REQUIREMENT: Starting at the line that contains "p29 = place(p28, frame((5.434, 0.0, 0.0)))", repeat each line exactly until the records end, keeping both the first and the last.

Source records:
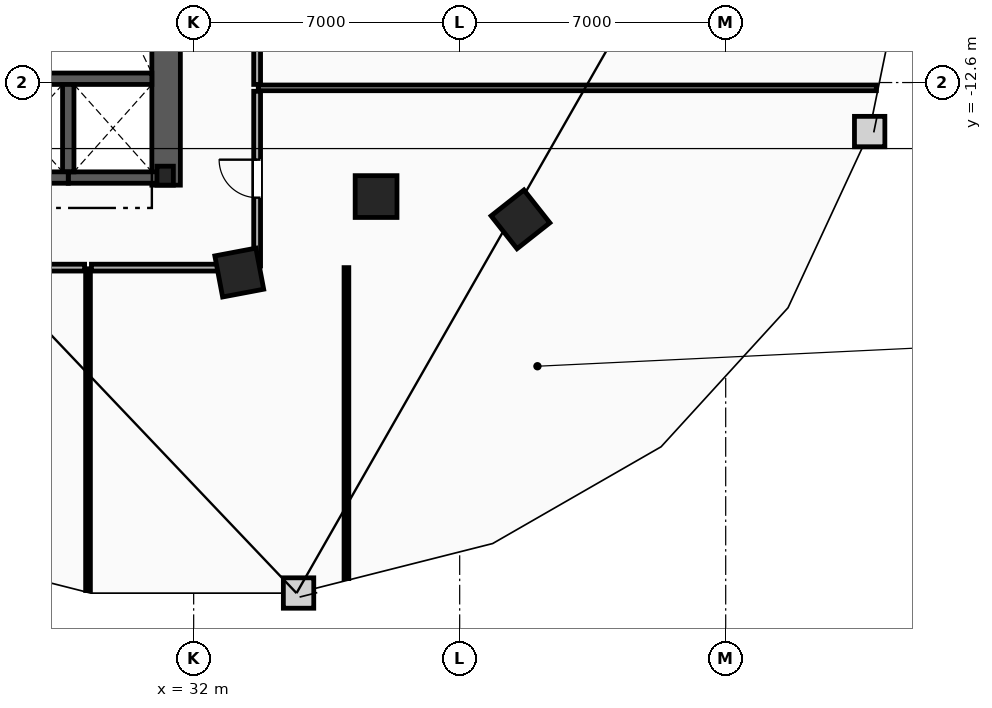
"""IFC4 building model, lengths in metres.
Left out: names, types, materials, properties, quantities, classifications, styles, units other than length and angle.
Written with IfcOpenShell. Run it as: python <this file> out.ifc"""

import sys

from ifc_helpers import new_model, si_unit, direction, frame, frame_2d, origin, origin_2d, place, context, subcontext, project, spatial, rectangle, i_section, extrude, element, fill, save


model = new_model("IFC4")
c1 = context("Model", 3, precision=1e-05, world=origin(), true_north=direction((0.0, 1.0)))
c2 = subcontext(c1, "Body", "Model", "MODEL_VIEW")
j1 = project(units=[si_unit("LENGTHUNIT", "METRE"), si_unit("PLANEANGLEUNIT", "RADIAN")], contexts=[c1])
p1 = place(None, origin())
s1 = spatial("IfcSite", under=j1, at=p1, CompositionType="ELEMENT")
p2 = place(p1, origin())
s2 = spatial("IfcBuilding", under=s1, at=p2, CompositionType="ELEMENT")
p3 = place(p2, frame((0.0, 0.0, 81.8)))
s3 = spatial("IfcBuildingStorey", under=s2, at=p3, CompositionType="ELEMENT", Elevation=81.8)
p4 = place(p3, frame((31.25, -15.05, 0.0), z_axis=(0.0, 0.0, 1.0), x_axis=(1.0, 0.0, 0.0)))
e1 = element("IfcColumn", 1, at=p4, inside=s3, PredefinedType="COLUMN", context=c2, shape_type="SweptSolid", body=[
    extrude(i_section(OverallWidth=0.432, OverallDepth=0.498, WebThickness=0.056, FlangeThickness=0.089, FilletRadius=0.018, at=origin_2d()), origin(), (0.0, 0.0, 1.0), 3.6),
])
for number, where, z_axis, x_axis in (
    (2, (36.8, -15.6, 0.0), (0.0, 0.0, 1.0), (1.0, 0.0, 0.0)),
    (3, (33.2, -17.6, 0.0), (0.0, 0.0, 1.0), (0.983, 0.186, 0.0)),
    (4, (40.6, -16.2, 0.0), (0.0, 0.0, 1.0), (0.785, 0.619, 0.0)),
):
    element("IfcColumn", number, at=place(p3, frame(where, z_axis=z_axis, x_axis=x_axis)), inside=s3, PredefinedType="COLUMN", context=c2, shape_type="SweptSolid", body=[
        extrude(rectangle(XDim=1.1, YDim=1.1, at=origin_2d()), origin(), (0.0, 0.0, 1.0), 3.6),
    ])
p5 = place(p3, frame((31.275, -15.3, 0.0), z_axis=(0.0, 0.0, 1.0), x_axis=(0.0, 1.0, 0.0)))
e5 = element("IfcWall", 5, at=p5, inside=s3, PredefinedType="SHEAR", context=c2, shape_type="SweptSolid", body=[
    extrude(rectangle(XDim=13.33, YDim=0.75, at=frame_2d((6.665, 0.0))), origin(), (0.0, 0.0, 1.0), 3.3),
])
p6 = place(p3, frame((27.74, -12.5, 0.0), z_axis=(0.0, 0.0, 1.0), x_axis=(1.0, 0.0, 0.0)))
e6 = element("IfcWall", 6, at=p6, inside=s3, PredefinedType="SHEAR", context=c2, shape_type="SweptSolid", body=[
    extrude(rectangle(XDim=3.16, YDim=0.3, at=frame_2d((1.58, 0.0))), origin(), (0.0, 0.0, 1.0), 3.3),
])
p7 = place(p3, frame((28.7, -15.1, 0.0), z_axis=(0.0, 0.0, 1.0), x_axis=(1.0, 0.0, 0.0)))
e7 = element("IfcWall", 7, at=p7, inside=s3, PredefinedType="SHEAR", context=c2, shape_type="SweptSolid", body=[
    extrude(rectangle(XDim=2.5, YDim=0.3, at=frame_2d((1.25, 0.0))), origin(), (0.0, 0.0, 1.0), 3.3),
])
p8 = place(p3, frame((28.7, -14.95, 0.0), z_axis=(0.0, 0.0, 1.0), x_axis=(0.0, 1.0, 0.0)))
e8 = element("IfcWall", 8, at=p8, inside=s3, PredefinedType="SHEAR", context=c2, shape_type="SweptSolid", body=[
    extrude(rectangle(XDim=2.3, YDim=0.3, at=frame_2d((1.15, 0.0))), origin(), (0.0, 0.0, 1.0), 3.3),
])
p9 = place(p3, frame((26.2, -15.1, 0.0), z_axis=(0.0, 0.0, 1.0), x_axis=(1.0, 0.0, 0.0)))
e9 = element("IfcWall", 9, at=p9, inside=s3, PredefinedType="SHEAR", context=c2, shape_type="SweptSolid", body=[
    extrude(rectangle(XDim=2.5, YDim=0.3, at=frame_2d((1.25, 0.0))), origin(), (0.0, 0.0, 1.0), 3.3),
])
p10 = place(p3, frame((33.7, -12.74, 0.0), z_axis=(0.0, 0.0, 1.0), x_axis=(1.0, 0.0, 0.0)))
e10 = element("IfcWall", 10, at=p10, inside=s3, PredefinedType="PARTITIONING", context=c2, shape_type="SweptSolid", body=[
    extrude(rectangle(XDim=16.264, YDim=0.15, at=frame_2d((8.132, 0.0))), origin(), (0.0, 0.0, 1.0), 3.3),
])
p11 = place(p3, frame((29.22, -25.966, 0.0), z_axis=(0.0, 0.0, 1.0), x_axis=(0.0, 1.0, 0.0)))
e11 = element("IfcWall", 11, at=p11, inside=s3, PredefinedType="PARTITIONING", context=c2, shape_type="SweptSolid", body=[
    extrude(rectangle(XDim=8.466, YDim=0.125, at=frame_2d((4.233, 0.0))), origin(), (0.0, 0.0, 1.0), 3.3),
])
p12 = place(p3, frame((36.02, -25.652, 0.0), z_axis=(0.0, 0.0, 1.0), x_axis=(0.0, 1.0, 0.0)))
e12 = element("IfcWall", 12, at=p12, inside=s3, PredefinedType="PARTITIONING", context=c2, shape_type="SweptSolid", body=[
    extrude(rectangle(XDim=8.182, YDim=0.125, at=frame_2d((4.091, 0.0))), origin(), (0.0, 0.0, 1.0), 3.3),
])
p13 = place(p3, frame((33.67, -17.428, 0.0), z_axis=(0.0, 0.0, 1.0), x_axis=(0.0, 1.0, 0.0)))
e13 = element("IfcWall", 13, at=p13, inside=s3, PredefinedType="PARTITIONING", context=c2, shape_type="SweptSolid", body=[
    extrude(rectangle(XDim=4.598, YDim=0.18, at=frame_2d((2.299, 0.0))), origin(), (0.0, 0.0, 1.0), 3.3),
])
p14 = place(p13, frame((1.799, 0.0, 0.0)))
e14 = element("IfcOpeningElement", 14, at=p14, cuts=e13, PredefinedType="OPENING", context=c2, shape_type="SweptSolid", body=[
    extrude(rectangle(XDim=1.0, YDim=2.15, at=frame_2d((0.5, 1.075))), frame((0.0, 0.1, 0.0), z_axis=(0.0, -1.0, 0.0), x_axis=(1.0, 0.0, 0.0)), (0.0, 0.0, 1.0), 0.2),
])
p15 = place(p3, frame((29.31, -17.47, 0.0), z_axis=(0.0, 0.0, 1.0), x_axis=(1.0, 0.0, 0.0)))
e15 = element("IfcWall", 15, at=p15, inside=s3, PredefinedType="PARTITIONING", context=c2, shape_type="SweptSolid", body=[
    extrude(rectangle(XDim=4.318, YDim=0.18, at=frame_2d((2.159, 0.0))), origin(), (0.0, 0.0, 1.0), 3.3),
])
p16 = place(p3, frame((33.67, -12.65, 0.0), z_axis=(0.0, 0.0, 1.0), x_axis=(0.0, 1.0, 0.0)))
e16 = element("IfcWall", 16, at=p16, inside=s3, PredefinedType="PARTITIONING", context=c2, shape_type="SweptSolid", body=[
    extrude(rectangle(XDim=3.299, YDim=0.18, at=frame_2d((1.649, 0.0))), origin(), (0.0, 0.0, 1.0), 3.3),
])
p17 = place(p16, frame((1.149, 0.0, 0.0)))
e17 = element("IfcOpeningElement", 17, at=p17, cuts=e16, PredefinedType="OPENING", context=c2, shape_type="SweptSolid", body=[
    extrude(rectangle(XDim=1.0, YDim=2.15, at=frame_2d((0.5, 1.075))), frame((0.0, 0.1, 0.0), z_axis=(0.0, -1.0, 0.0), x_axis=(1.0, 0.0, 0.0)), (0.0, 0.0, 1.0), 0.2),
])
p18 = place(p3, frame((16.822, -17.47, 0.0), z_axis=(0.0, 0.0, 1.0), x_axis=(1.0, 0.0, 0.0)))
e18 = element("IfcWall", 18, at=p18, inside=s3, PredefinedType="PARTITIONING", context=c2, shape_type="SweptSolid", body=[
    extrude(rectangle(XDim=12.308, YDim=0.18, at=frame_2d((6.154, 0.0))), origin(), (0.0, 0.0, 1.0), 3.3),
])
p19 = place(p14, origin())
e19 = element("IfcDoor", 19, at=p19, inside=s3, OperationType="SINGLE_SWING_RIGHT", PredefinedType="DOOR", context=c2, shape_type="SweptSolid", body=[
    extrude(rectangle(XDim=1.0, YDim=2.15, at=frame_2d((0.5, 1.075))), frame((0.0, 0.025, 0.0), z_axis=(0.0, -1.0, 0.0), x_axis=(1.0, 0.0, 0.0)), (0.0, 0.0, 1.0), 0.05),
])
fill(e14, e19)
save(model, sys.argv[1])
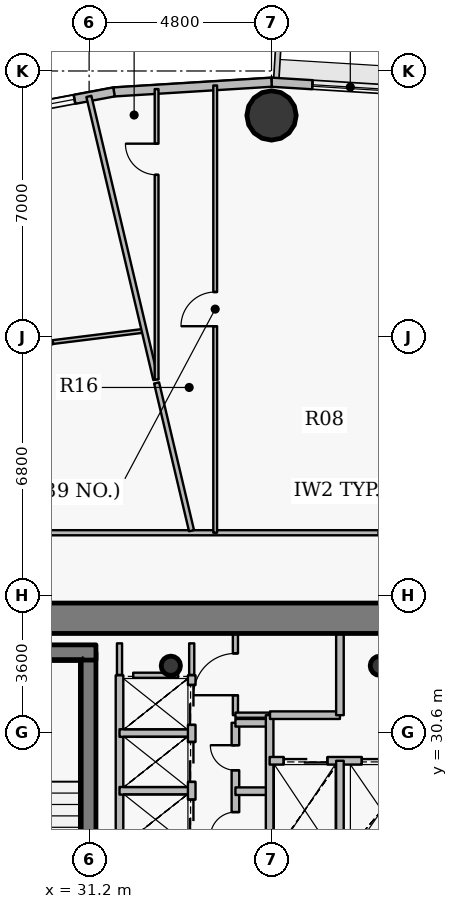
"""IFC4 building model, lengths in metres.
Left out: names, types, materials, properties, quantities, classifications, styles, units other than length and angle.
Written with IfcOpenShell. Run it as: python <this file> out.ifc"""

import sys

from ifc_helpers import new_model, si_unit, direction, frame, frame_2d, origin, origin_2d, place, context, subcontext, project, spatial, rectangle, hollow_circle, extrude, source, transform, mapped, element, fill, save


model = new_model("IFC4")
c1 = context("Model", 3, precision=1e-05, world=origin(), true_north=direction((0.0, 1.0)))
c2 = subcontext(c1, "Body", "Model", "MODEL_VIEW")
j1 = project(units=[si_unit("LENGTHUNIT", "METRE"), si_unit("PLANEANGLEUNIT", "RADIAN")], contexts=[c1])
p1 = place(None, origin())
s1 = spatial("IfcSite", under=j1, at=p1, CompositionType="ELEMENT")
p2 = place(p1, origin())
s2 = spatial("IfcBuilding", under=s1, at=p2, CompositionType="ELEMENT")
p3 = place(p2, frame((0.0, 0.0, 163.65)))
s3 = spatial("IfcBuildingStorey", under=s2, at=p3, CompositionType="ELEMENT", Elevation=163.65)
for number, where, z_axis, x_axis in (
    (1, (38.85, 32.35, 0.0), (0.0, 0.0, 1.0), (1.0, 0.0, 0.0)),
    (2, (33.35, 32.35, 0.0), (0.0, 0.0, 1.0), (1.0, 0.0, 0.0)),
):
    element("IfcColumn", number, at=place(p3, frame(where, z_axis=z_axis, x_axis=x_axis)), inside=s3, PredefinedType="COLUMN", context=c2, shape_type="SweptSolid", body=[
        extrude(hollow_circle(Radius=0.254, WallThickness=0.02, at=origin_2d()), origin(), (0.0, 0.0, 1.0), 3.75),
    ])
p4 = place(p3, frame((31.18, 27.8, 0.0), z_axis=(0.0, 0.0, 1.0), x_axis=(0.0, 1.0, 0.0)))
e3 = element("IfcWall", 3, at=p4, inside=s3, PredefinedType="SHEAR", context=c2, shape_type="SweptSolid", body=[
    extrude(rectangle(XDim=4.9, YDim=0.4, at=frame_2d((2.45, 0.0))), origin(), (0.0, 0.0, 1.0), 3.75),
])
p5 = place(p3, frame((27.28, 32.7, 0.0), z_axis=(0.0, 0.0, 1.0), x_axis=(1.0, 0.0, 0.0)))
e4 = element("IfcWall", 4, at=p5, inside=s3, PredefinedType="SHEAR", context=c2, shape_type="SweptSolid", body=[
    extrude(rectangle(XDim=4.1, YDim=0.4, at=frame_2d((2.05, 0.0))), origin(), (0.0, 0.0, 1.0), 3.75),
])
p6 = place(p3, frame((27.2, 33.6, 0.0), z_axis=(0.0, 0.0, 1.0), x_axis=(1.0, 0.0, 0.0)))
e5 = element("IfcWall", 5, at=p6, inside=s3, PredefinedType="SHEAR", context=c2, shape_type="SweptSolid", body=[
    extrude(rectangle(XDim=17.6, YDim=0.8, at=frame_2d((8.8, 0.0))), origin(), (0.0, 0.0, 1.0), 2.95),
])
p7 = place(p6, frame((13.45, 0.0, 0.0)))
e6 = element("IfcOpeningElement", 6, at=p7, cuts=e5, PredefinedType="OPENING", context=c2, shape_type="SweptSolid", body=[
    extrude(rectangle(XDim=1.15, YDim=2.15, at=origin_2d()), frame((0.575, 0.41, 1.075), z_axis=(0.0, -1.0, 0.0), x_axis=(1.0, 0.0, 0.0)), (0.0, 0.0, 1.0), 0.82),
])
p8 = place(p3, frame((36.0, 46.83, 0.0), z_axis=(0.0, 0.0, 1.0), x_axis=(1.0, 0.0, 0.0)))
e7 = element("IfcColumn", 7, at=p8, inside=s3, PredefinedType="COLUMN", context=c2, shape_type="SweptSolid", body=[
    extrude(hollow_circle(Radius=0.65, WallThickness=0.04, at=origin_2d()), origin(), (0.0, 0.0, 1.0), 3.75),
])
p9 = place(p3, frame((36.0, 47.705, 0.0), z_axis=(0.0, 0.0, 1.0), x_axis=(0.998104600619, -0.061540281305, 0.0)))
e8 = element("IfcWall", 8, at=p9, inside=s3, PredefinedType="SOLIDWALL", context=c2, shape_type="SweptSolid", body=[
    extrude(rectangle(XDim=4.154, YDim=0.24, at=frame_2d((2.077, 0.0))), origin(), (0.0, 0.0, 1.0), 3.5),
])
p10 = place(p9, frame((1.077, 0.0, 0.9)))
e9 = element("IfcOpeningElement", 9, at=p10, cuts=e8, PredefinedType="OPENING", context=c2, shape_type="SweptSolid", body=[
    extrude(rectangle(XDim=2.0, YDim=1.75, at=origin_2d()), frame((1.0, 0.13, 0.875), z_axis=(0.0, -1.0, 0.0), x_axis=(1.0, 0.0, 0.0)), (0.0, 0.0, 1.0), 0.26),
])
p11 = place(p3, frame((31.854, 47.449, 0.0), z_axis=(0.0, 0.0, 1.0), x_axis=(0.998104600619, 0.061540281305, 0.0)))
e10 = element("IfcWall", 10, at=p11, inside=s3, PredefinedType="SOLIDWALL", context=c2, shape_type="SweptSolid", body=[
    extrude(rectangle(XDim=4.154, YDim=0.24, at=frame_2d((2.077, 0.0))), origin(), (0.0, 0.0, 1.0), 3.5),
])
p12 = place(p3, frame((27.811, 46.689, 0.0), z_axis=(0.0, 0.0, 1.0), x_axis=(0.982788108205, 0.184736391573, 0.0)))
e11 = element("IfcWall", 11, at=p12, inside=s3, PredefinedType="SOLIDWALL", context=c2, shape_type="SweptSolid", body=[
    extrude(rectangle(XDim=4.114, YDim=0.24, at=frame_2d((2.057, 0.0))), origin(), (0.0, 0.0, 1.0), 3.5),
])
p13 = place(p12, frame((1.057, 0.0, 0.9)))
e12 = element("IfcOpeningElement", 12, at=p13, cuts=e11, PredefinedType="OPENING", context=c2, shape_type="SweptSolid", body=[
    extrude(rectangle(XDim=2.0, YDim=1.75, at=origin_2d()), frame((1.0, 0.13, 0.875), z_axis=(0.0, -1.0, 0.0), x_axis=(1.0, 0.0, 0.0)), (0.0, 0.0, 1.0), 0.26),
])
p14 = place(p3, frame((24.35, 35.85, 0.0), z_axis=(0.0, 0.0, 1.0), x_axis=(1.0, 0.0, 0.0)))
e13 = element("IfcWall", 13, at=p14, inside=s3, PredefinedType="PARTITIONING", context=c2, shape_type="SweptSolid", body=[
    extrude(rectangle(XDim=29.104, YDim=0.135, at=frame_2d((14.552, 0.0))), origin(), (0.0, 0.0, 1.0), 2.935),
])
p15 = place(p14, frame((15.972, 0.0, 0.0)))
e14 = element("IfcOpeningElement", 14, at=p15, cuts=e13, PredefinedType="OPENING", context=c2, shape_type="SweptSolid", body=[
    extrude(rectangle(XDim=1.0, YDim=2.15, at=origin_2d()), frame((0.5, 0.078, 1.075), z_axis=(0.0, -1.0, 0.0), x_axis=(1.0, 0.0, 0.0)), (0.0, 0.0, 1.0), 0.155),
])
p16 = place(p14, frame((4.074, 0.0, 0.0)))
e15 = element("IfcOpeningElement", 15, at=p16, cuts=e13, PredefinedType="OPENING", context=c2, shape_type="SweptSolid", body=[
    extrude(rectangle(XDim=1.0, YDim=2.15, at=origin_2d()), frame((0.5, 0.078, 1.075), z_axis=(0.0, -1.0, 0.0), x_axis=(1.0, 0.0, 0.0)), (0.0, 0.0, 1.0), 0.155),
])
p17 = place(p3, frame((26.021, 39.181, 0.0), z_axis=(0.0, 0.0, 1.0), x_axis=(0.928787254853, 0.37061332305, 0.0)))
e16 = element("IfcWall", 16, at=p17, inside=s3, PredefinedType="PARTITIONING", context=c2, shape_type="SweptSolid", body=[
    extrude(rectangle(XDim=4.549, YDim=0.1, at=frame_2d((2.275, 0.0))), origin(), (0.0, 0.0, 1.0), 2.935),
])
p18 = place(p3, frame((30.246, 40.867, 0.0), z_axis=(0.0, 0.0, 1.0), x_axis=(0.99240598239, 0.123005553192, 0.0)))
e17 = element("IfcWall", 17, at=p18, inside=s3, PredefinedType="PARTITIONING", context=c2, shape_type="SweptSolid", body=[
    extrude(rectangle(XDim=2.423, YDim=0.1, at=frame_2d((1.212, 0.0))), origin(), (0.0, 0.0, 1.0), 2.935),
])
p19 = place(p3, frame((31.194, 47.33, 0.0), z_axis=(0.0, 0.0, 1.0), x_axis=(0.230064999041, -0.973175264902, 0.0)))
e18 = element("IfcWall", 18, at=p19, inside=s3, PredefinedType="PARTITIONING", context=c2, shape_type="SweptSolid", body=[
    extrude(rectangle(XDim=7.654, YDim=0.135, at=frame_2d((3.827, 0.0))), origin(), (0.0, 0.0, 1.0), 2.935),
])
p20 = place(p3, frame((32.0, 24.1, 0.0), z_axis=(0.0, 0.0, 1.0), x_axis=(0.0, 1.0, 0.0)))
e19 = element("IfcWall", 19, at=p20, inside=s3, PredefinedType="PARTITIONING", context=c2, shape_type="SweptSolid", body=[
    extrude(rectangle(XDim=8.0, YDim=0.2, at=frame_2d((4.0, 0.0))), origin(), (0.0, 0.0, 1.0), 3.5),
])
for number, where, z_axis, x_axis in (
    (20, (32.0, 29.06, 0.0), (0.0, 0.0, 1.0), (1.0, 0.0, 0.0)),
    (21, (32.0, 30.58, 0.0), (0.0, 0.0, 1.0), (1.0, 0.0, 0.0)),
):
    element("IfcWall", number, at=place(p3, frame(where, z_axis=z_axis, x_axis=x_axis)), inside=s3, PredefinedType="PARTITIONING", context=c2, shape_type="SweptSolid", body=[
        extrude(rectangle(XDim=1.9, YDim=0.2, at=frame_2d((0.95, 0.0))), origin(), (0.0, 0.0, 1.0), 3.085),
    ])
p21 = place(p3, frame((32.976, 39.792, 0.0), z_axis=(0.0, 0.0, 1.0), x_axis=(0.230050705958, -0.973178643769, 0.0)))
e22 = element("IfcWall", 22, at=p21, inside=s3, PredefinedType="PARTITIONING", context=c2, shape_type="SweptSolid", body=[
    extrude(rectangle(XDim=3.996, YDim=0.135, at=frame_2d((1.998, 0.0))), origin(), (0.0, 0.0, 1.0), 3.5),
])
p22 = place(p3, frame((32.976, 39.884, 0.0), z_axis=(0.0, 0.0, 1.0), x_axis=(0.0, 1.0, 0.0)))
e23 = element("IfcWall", 23, at=p22, inside=s3, PredefinedType="PARTITIONING", context=c2, shape_type="SweptSolid", body=[
    extrude(rectangle(XDim=7.64, YDim=0.1, at=frame_2d((3.82, 0.0))), origin(), (0.0, 0.0, 1.0), 2.935),
])
p23 = place(p22, frame((5.384, 0.0, 0.0)))
e24 = element("IfcOpeningElement", 24, at=p23, cuts=e23, PredefinedType="OPENING", context=c2, shape_type="SweptSolid", body=[
    extrude(rectangle(XDim=0.82, YDim=2.1, at=origin_2d()), frame((0.41, 0.06, 1.05), z_axis=(0.0, -1.0, 0.0), x_axis=(1.0, 0.0, 0.0)), (0.0, 0.0, 1.0), 0.12),
])
p24 = place(p3, frame((33.9, 20.8, 0.0), z_axis=(0.0, 0.0, 1.0), x_axis=(0.0, 1.0, 0.0)))
e25 = element("IfcWall", 25, at=p24, inside=s3, PredefinedType="PARTITIONING", context=c2, shape_type="SweptSolid", body=[
    extrude(rectangle(XDim=11.3, YDim=0.2, at=frame_2d((5.65, 0.0))), origin(), (0.0, 0.0, 1.0), 3.085),
])
p25 = place(p24, frame((6.98, 0.0, 0.0)))
e26 = element("IfcOpeningElement", 26, at=p25, cuts=e25, PredefinedType="OPENING", context=c2, shape_type="SweptSolid", body=[
    extrude(rectangle(XDim=1.05, YDim=2.15, at=origin_2d()), frame((0.525, 0.11, 1.075), z_axis=(0.0, -1.0, 0.0), x_axis=(1.0, 0.0, 0.0)), (0.0, 0.0, 1.0), 0.22),
])
p26 = place(p24, frame((8.495, 0.0, 0.0)))
e27 = element("IfcOpeningElement", 27, at=p26, cuts=e25, PredefinedType="OPENING", context=c2, shape_type="SweptSolid", body=[
    extrude(rectangle(XDim=1.05, YDim=2.15, at=origin_2d()), frame((0.525, 0.11, 1.075), z_axis=(0.0, -1.0, 0.0), x_axis=(1.0, 0.0, 0.0)), (0.0, 0.0, 1.0), 0.22),
])
p27 = place(p24, frame((9.995, 0.0, 0.0)))
e28 = element("IfcOpeningElement", 28, at=p27, cuts=e25, PredefinedType="OPENING", context=c2, shape_type="SweptSolid", body=[
    extrude(rectangle(XDim=1.05, YDim=2.15, at=origin_2d()), frame((0.525, 0.11, 1.075), z_axis=(0.0, -1.0, 0.0), x_axis=(1.0, 0.0, 0.0)), (0.0, 0.0, 1.0), 0.22),
])
p28 = place(p3, frame((34.518, 35.85, 0.0), z_axis=(0.0, 0.0, 1.0), x_axis=(0.0, 1.0, 0.0)))
e29 = element("IfcWall", 29, at=p28, inside=s3, PredefinedType="PARTITIONING", context=c2, shape_type="SweptSolid", body=[
    extrude(rectangle(XDim=11.769, YDim=0.1, at=frame_2d((5.884, 0.0))), origin(), (0.0, 0.0, 1.0), 2.935),
])
p29 = place(p28, frame((5.434, 0.0, 0.0)))
e30 = element("IfcOpeningElement", 30, at=p29, cuts=e29, PredefinedType="OPENING", context=c2, shape_type="SweptSolid", body=[
    extrude(rectangle(XDim=0.9, YDim=2.1, at=origin_2d()), frame((0.45, 0.06, 1.05), z_axis=(0.0, -1.0, 0.0), x_axis=(1.0, 0.0, 0.0)), (0.0, 0.0, 1.0), 0.12),
])
p30 = place(p3, frame((35.05, 27.25, 0.0), z_axis=(0.0, 0.0, 1.0), x_axis=(0.0, 1.0, 0.0)))
e31 = element("IfcWall", 31, at=p30, inside=s3, PredefinedType="PARTITIONING", context=c2, shape_type="SweptSolid", body=[
    extrude(rectangle(XDim=3.6, YDim=0.2, at=frame_2d((1.8, 0.0))), origin(), (0.0, 0.0, 1.0), 3.5),
])
p31 = place(p30, frame((0.59, 0.0, 0.0)))
e32 = element("IfcOpeningElement", 32, at=p31, cuts=e31, PredefinedType="OPENING", context=c2, shape_type="SweptSolid", body=[
    extrude(rectangle(XDim=0.66, YDim=2.05, at=origin_2d()), frame((0.33, 0.11, 1.025), z_axis=(0.0, -1.0, 0.0), x_axis=(1.0, 0.0, 0.0)), (0.0, 0.0, 1.0), 0.22),
])
p32 = place(p30, frame((2.35, 0.0, 0.0)))
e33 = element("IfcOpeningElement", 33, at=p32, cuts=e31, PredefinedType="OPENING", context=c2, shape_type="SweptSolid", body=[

WRITTEN ANSWER:
p29 = place(p28, frame((5.434, 0.0, 0.0)))
e30 = element("IfcOpeningElement", 30, at=p29, cuts=e29, PredefinedType="OPENING", context=c2, shape_type="SweptSolid", body=[
    extrude(rectangle(XDim=0.9, YDim=2.1, at=origin_2d()), frame((0.45, 0.06, 1.05), z_axis=(0.0, -1.0, 0.0), x_axis=(1.0, 0.0, 0.0)), (0.0, 0.0, 1.0), 0.12),
])
p30 = place(p3, frame((35.05, 27.25, 0.0), z_axis=(0.0, 0.0, 1.0), x_axis=(0.0, 1.0, 0.0)))
e31 = element("IfcWall", 31, at=p30, inside=s3, PredefinedType="PARTITIONING", context=c2, shape_type="SweptSolid", body=[
    extrude(rectangle(XDim=3.6, YDim=0.2, at=frame_2d((1.8, 0.0))), origin(), (0.0, 0.0, 1.0), 3.5),
])
p31 = place(p30, frame((0.59, 0.0, 0.0)))
e32 = element("IfcOpeningElement", 32, at=p31, cuts=e31, PredefinedType="OPENING", context=c2, shape_type="SweptSolid", body=[
    extrude(rectangle(XDim=0.66, YDim=2.05, at=origin_2d()), frame((0.33, 0.11, 1.025), z_axis=(0.0, -1.0, 0.0), x_axis=(1.0, 0.0, 0.0)), (0.0, 0.0, 1.0), 0.22),
])
p32 = place(p30, frame((2.35, 0.0, 0.0)))
e33 = element("IfcOpeningElement", 33, at=p32, cuts=e31, PredefinedType="OPENING", context=c2, shape_type="SweptSolid", body=[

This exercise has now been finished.